Records excerpted from a collection

+===+

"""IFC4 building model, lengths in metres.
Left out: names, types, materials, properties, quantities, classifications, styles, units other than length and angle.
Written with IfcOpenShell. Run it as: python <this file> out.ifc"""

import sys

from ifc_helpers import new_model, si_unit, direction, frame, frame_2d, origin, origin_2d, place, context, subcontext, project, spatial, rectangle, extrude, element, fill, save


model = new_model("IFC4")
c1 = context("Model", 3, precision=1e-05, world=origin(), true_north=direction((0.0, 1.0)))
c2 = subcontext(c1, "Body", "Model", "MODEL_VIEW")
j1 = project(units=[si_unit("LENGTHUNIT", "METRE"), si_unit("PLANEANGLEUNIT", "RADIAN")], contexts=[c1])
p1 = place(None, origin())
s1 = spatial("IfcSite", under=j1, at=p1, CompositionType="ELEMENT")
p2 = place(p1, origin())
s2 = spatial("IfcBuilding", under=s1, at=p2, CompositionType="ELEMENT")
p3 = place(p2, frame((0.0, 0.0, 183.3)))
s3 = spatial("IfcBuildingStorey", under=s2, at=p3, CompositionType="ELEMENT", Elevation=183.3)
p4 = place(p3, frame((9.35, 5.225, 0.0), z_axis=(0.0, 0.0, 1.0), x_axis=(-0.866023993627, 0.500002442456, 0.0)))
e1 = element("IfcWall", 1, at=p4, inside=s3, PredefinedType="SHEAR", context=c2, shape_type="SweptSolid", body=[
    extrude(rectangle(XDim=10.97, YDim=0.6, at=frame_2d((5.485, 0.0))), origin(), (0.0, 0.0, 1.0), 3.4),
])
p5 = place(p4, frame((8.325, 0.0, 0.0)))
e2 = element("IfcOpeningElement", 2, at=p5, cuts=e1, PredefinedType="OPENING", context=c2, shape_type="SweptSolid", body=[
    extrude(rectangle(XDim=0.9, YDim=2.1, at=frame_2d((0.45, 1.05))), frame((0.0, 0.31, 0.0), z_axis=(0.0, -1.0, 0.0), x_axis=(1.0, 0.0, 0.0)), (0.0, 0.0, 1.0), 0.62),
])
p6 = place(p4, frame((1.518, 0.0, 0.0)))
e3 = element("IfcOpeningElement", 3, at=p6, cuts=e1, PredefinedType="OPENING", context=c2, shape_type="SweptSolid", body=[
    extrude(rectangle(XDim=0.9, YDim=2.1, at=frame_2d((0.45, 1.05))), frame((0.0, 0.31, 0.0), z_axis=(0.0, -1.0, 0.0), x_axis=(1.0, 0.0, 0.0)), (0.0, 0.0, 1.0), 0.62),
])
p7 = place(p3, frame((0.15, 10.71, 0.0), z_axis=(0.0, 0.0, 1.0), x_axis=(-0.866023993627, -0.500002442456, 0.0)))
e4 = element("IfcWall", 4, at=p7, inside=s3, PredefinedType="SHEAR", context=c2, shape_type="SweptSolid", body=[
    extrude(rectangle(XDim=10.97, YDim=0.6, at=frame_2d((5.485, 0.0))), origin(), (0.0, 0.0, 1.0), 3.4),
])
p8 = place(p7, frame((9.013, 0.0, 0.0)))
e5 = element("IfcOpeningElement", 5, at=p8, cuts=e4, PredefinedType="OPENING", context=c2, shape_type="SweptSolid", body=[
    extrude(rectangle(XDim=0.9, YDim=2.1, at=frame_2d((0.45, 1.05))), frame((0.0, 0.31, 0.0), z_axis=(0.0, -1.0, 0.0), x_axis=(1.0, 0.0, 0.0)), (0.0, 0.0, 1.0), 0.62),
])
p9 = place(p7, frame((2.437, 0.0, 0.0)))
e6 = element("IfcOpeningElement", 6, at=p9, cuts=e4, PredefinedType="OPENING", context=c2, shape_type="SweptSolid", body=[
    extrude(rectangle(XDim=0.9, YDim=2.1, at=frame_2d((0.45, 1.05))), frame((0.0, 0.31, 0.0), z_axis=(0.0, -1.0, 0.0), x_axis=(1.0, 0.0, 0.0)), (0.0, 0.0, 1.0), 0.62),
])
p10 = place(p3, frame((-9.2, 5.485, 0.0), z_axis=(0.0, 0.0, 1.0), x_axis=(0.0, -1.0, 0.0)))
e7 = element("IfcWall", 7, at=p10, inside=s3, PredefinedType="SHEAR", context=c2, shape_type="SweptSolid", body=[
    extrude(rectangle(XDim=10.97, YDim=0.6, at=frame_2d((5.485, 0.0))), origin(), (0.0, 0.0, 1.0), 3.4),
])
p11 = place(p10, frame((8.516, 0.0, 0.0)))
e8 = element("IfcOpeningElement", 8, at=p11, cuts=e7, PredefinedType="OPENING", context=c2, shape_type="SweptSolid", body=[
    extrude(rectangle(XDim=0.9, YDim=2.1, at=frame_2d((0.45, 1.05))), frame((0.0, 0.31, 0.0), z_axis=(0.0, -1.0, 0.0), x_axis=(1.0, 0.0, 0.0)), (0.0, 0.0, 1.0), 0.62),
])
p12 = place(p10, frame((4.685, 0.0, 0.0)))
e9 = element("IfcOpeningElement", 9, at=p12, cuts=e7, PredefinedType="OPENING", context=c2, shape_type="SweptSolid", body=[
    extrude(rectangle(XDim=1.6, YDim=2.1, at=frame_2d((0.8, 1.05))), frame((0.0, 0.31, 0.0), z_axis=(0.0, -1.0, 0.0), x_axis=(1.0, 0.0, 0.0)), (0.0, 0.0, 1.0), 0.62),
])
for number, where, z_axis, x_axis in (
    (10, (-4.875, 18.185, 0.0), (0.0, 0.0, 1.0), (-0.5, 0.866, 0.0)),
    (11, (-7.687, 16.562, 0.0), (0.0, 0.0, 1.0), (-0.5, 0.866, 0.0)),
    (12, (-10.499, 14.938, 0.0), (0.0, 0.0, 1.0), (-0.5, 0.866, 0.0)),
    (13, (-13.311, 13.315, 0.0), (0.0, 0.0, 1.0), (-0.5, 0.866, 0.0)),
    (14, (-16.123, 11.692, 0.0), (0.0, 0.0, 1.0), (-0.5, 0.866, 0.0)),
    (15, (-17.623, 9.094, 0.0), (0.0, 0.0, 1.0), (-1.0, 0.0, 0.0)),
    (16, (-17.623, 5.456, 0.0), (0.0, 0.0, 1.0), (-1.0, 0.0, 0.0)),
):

+===+

▶ [Exercise directions] Each entry above needs to be retyped exactly.

▶ [Problem solution]
"""IFC4 building model, lengths in metres.
Left out: names, types, materials, properties, quantities, classifications, styles, units other than length and angle.
Written with IfcOpenShell. Run it as: python <this file> out.ifc"""

import sys

from ifc_helpers import new_model, si_unit, direction, frame, frame_2d, origin, origin_2d, place, context, subcontext, project, spatial, rectangle, extrude, element, fill, save


model = new_model("IFC4")
c1 = context("Model", 3, precision=1e-05, world=origin(), true_north=direction((0.0, 1.0)))
c2 = subcontext(c1, "Body", "Model", "MODEL_VIEW")
j1 = project(units=[si_unit("LENGTHUNIT", "METRE"), si_unit("PLANEANGLEUNIT", "RADIAN")], contexts=[c1])
p1 = place(None, origin())
s1 = spatial("IfcSite", under=j1, at=p1, CompositionType="ELEMENT")
p2 = place(p1, origin())
s2 = spatial("IfcBuilding", under=s1, at=p2, CompositionType="ELEMENT")
p3 = place(p2, frame((0.0, 0.0, 183.3)))
s3 = spatial("IfcBuildingStorey", under=s2, at=p3, CompositionType="ELEMENT", Elevation=183.3)
p4 = place(p3, frame((9.35, 5.225, 0.0), z_axis=(0.0, 0.0, 1.0), x_axis=(-0.866023993627, 0.500002442456, 0.0)))
e1 = element("IfcWall", 1, at=p4, inside=s3, PredefinedType="SHEAR", context=c2, shape_type="SweptSolid", body=[
    extrude(rectangle(XDim=10.97, YDim=0.6, at=frame_2d((5.485, 0.0))), origin(), (0.0, 0.0, 1.0), 3.4),
])
p5 = place(p4, frame((8.325, 0.0, 0.0)))
e2 = element("IfcOpeningElement", 2, at=p5, cuts=e1, PredefinedType="OPENING", context=c2, shape_type="SweptSolid", body=[
    extrude(rectangle(XDim=0.9, YDim=2.1, at=frame_2d((0.45, 1.05))), frame((0.0, 0.31, 0.0), z_axis=(0.0, -1.0, 0.0), x_axis=(1.0, 0.0, 0.0)), (0.0, 0.0, 1.0), 0.62),
])
p6 = place(p4, frame((1.518, 0.0, 0.0)))
e3 = element("IfcOpeningElement", 3, at=p6, cuts=e1, PredefinedType="OPENING", context=c2, shape_type="SweptSolid", body=[
    extrude(rectangle(XDim=0.9, YDim=2.1, at=frame_2d((0.45, 1.05))), frame((0.0, 0.31, 0.0), z_axis=(0.0, -1.0, 0.0), x_axis=(1.0, 0.0, 0.0)), (0.0, 0.0, 1.0), 0.62),
])
p7 = place(p3, frame((0.15, 10.71, 0.0), z_axis=(0.0, 0.0, 1.0), x_axis=(-0.866023993627, -0.500002442456, 0.0)))
e4 = element("IfcWall", 4, at=p7, inside=s3, PredefinedType="SHEAR", context=c2, shape_type="SweptSolid", body=[
    extrude(rectangle(XDim=10.97, YDim=0.6, at=frame_2d((5.485, 0.0))), origin(), (0.0, 0.0, 1.0), 3.4),
])
p8 = place(p7, frame((9.013, 0.0, 0.0)))
e5 = element("IfcOpeningElement", 5, at=p8, cuts=e4, PredefinedType="OPENING", context=c2, shape_type="SweptSolid", body=[
    extrude(rectangle(XDim=0.9, YDim=2.1, at=frame_2d((0.45, 1.05))), frame((0.0, 0.31, 0.0), z_axis=(0.0, -1.0, 0.0), x_axis=(1.0, 0.0, 0.0)), (0.0, 0.0, 1.0), 0.62),
])
p9 = place(p7, frame((2.437, 0.0, 0.0)))
e6 = element("IfcOpeningElement", 6, at=p9, cuts=e4, PredefinedType="OPENING", context=c2, shape_type="SweptSolid", body=[
    extrude(rectangle(XDim=0.9, YDim=2.1, at=frame_2d((0.45, 1.05))), frame((0.0, 0.31, 0.0), z_axis=(0.0, -1.0, 0.0), x_axis=(1.0, 0.0, 0.0)), (0.0, 0.0, 1.0), 0.62),
])
p10 = place(p3, frame((-9.2, 5.485, 0.0), z_axis=(0.0, 0.0, 1.0), x_axis=(0.0, -1.0, 0.0)))
e7 = element("IfcWall", 7, at=p10, inside=s3, PredefinedType="SHEAR", context=c2, shape_type="SweptSolid", body=[
    extrude(rectangle(XDim=10.97, YDim=0.6, at=frame_2d((5.485, 0.0))), origin(), (0.0, 0.0, 1.0), 3.4),
])
p11 = place(p10, frame((8.516, 0.0, 0.0)))
e8 = element("IfcOpeningElement", 8, at=p11, cuts=e7, PredefinedType="OPENING", context=c2, shape_type="SweptSolid", body=[
    extrude(rectangle(XDim=0.9, YDim=2.1, at=frame_2d((0.45, 1.05))), frame((0.0, 0.31, 0.0), z_axis=(0.0, -1.0, 0.0), x_axis=(1.0, 0.0, 0.0)), (0.0, 0.0, 1.0), 0.62),
])
p12 = place(p10, frame((4.685, 0.0, 0.0)))
e9 = element("IfcOpeningElement", 9, at=p12, cuts=e7, PredefinedType="OPENING", context=c2, shape_type="SweptSolid", body=[
    extrude(rectangle(XDim=1.6, YDim=2.1, at=frame_2d((0.8, 1.05))), frame((0.0, 0.31, 0.0), z_axis=(0.0, -1.0, 0.0), x_axis=(1.0, 0.0, 0.0)), (0.0, 0.0, 1.0), 0.62),
])
for number, where, z_axis, x_axis in (
    (10, (-4.875, 18.185, 0.0), (0.0, 0.0, 1.0), (-0.5, 0.866, 0.0)),
    (11, (-7.687, 16.562, 0.0), (0.0, 0.0, 1.0), (-0.5, 0.866, 0.0)),
    (12, (-10.499, 14.938, 0.0), (0.0, 0.0, 1.0), (-0.5, 0.866, 0.0)),
    (13, (-13.311, 13.315, 0.0), (0.0, 0.0, 1.0), (-0.5, 0.866, 0.0)),
    (14, (-16.123, 11.692, 0.0), (0.0, 0.0, 1.0), (-0.5, 0.866, 0.0)),
    (15, (-17.623, 9.094, 0.0), (0.0, 0.0, 1.0), (-1.0, 0.0, 0.0)),
    (16, (-17.623, 5.456, 0.0), (0.0, 0.0, 1.0), (-1.0, 0.0, 0.0)),
):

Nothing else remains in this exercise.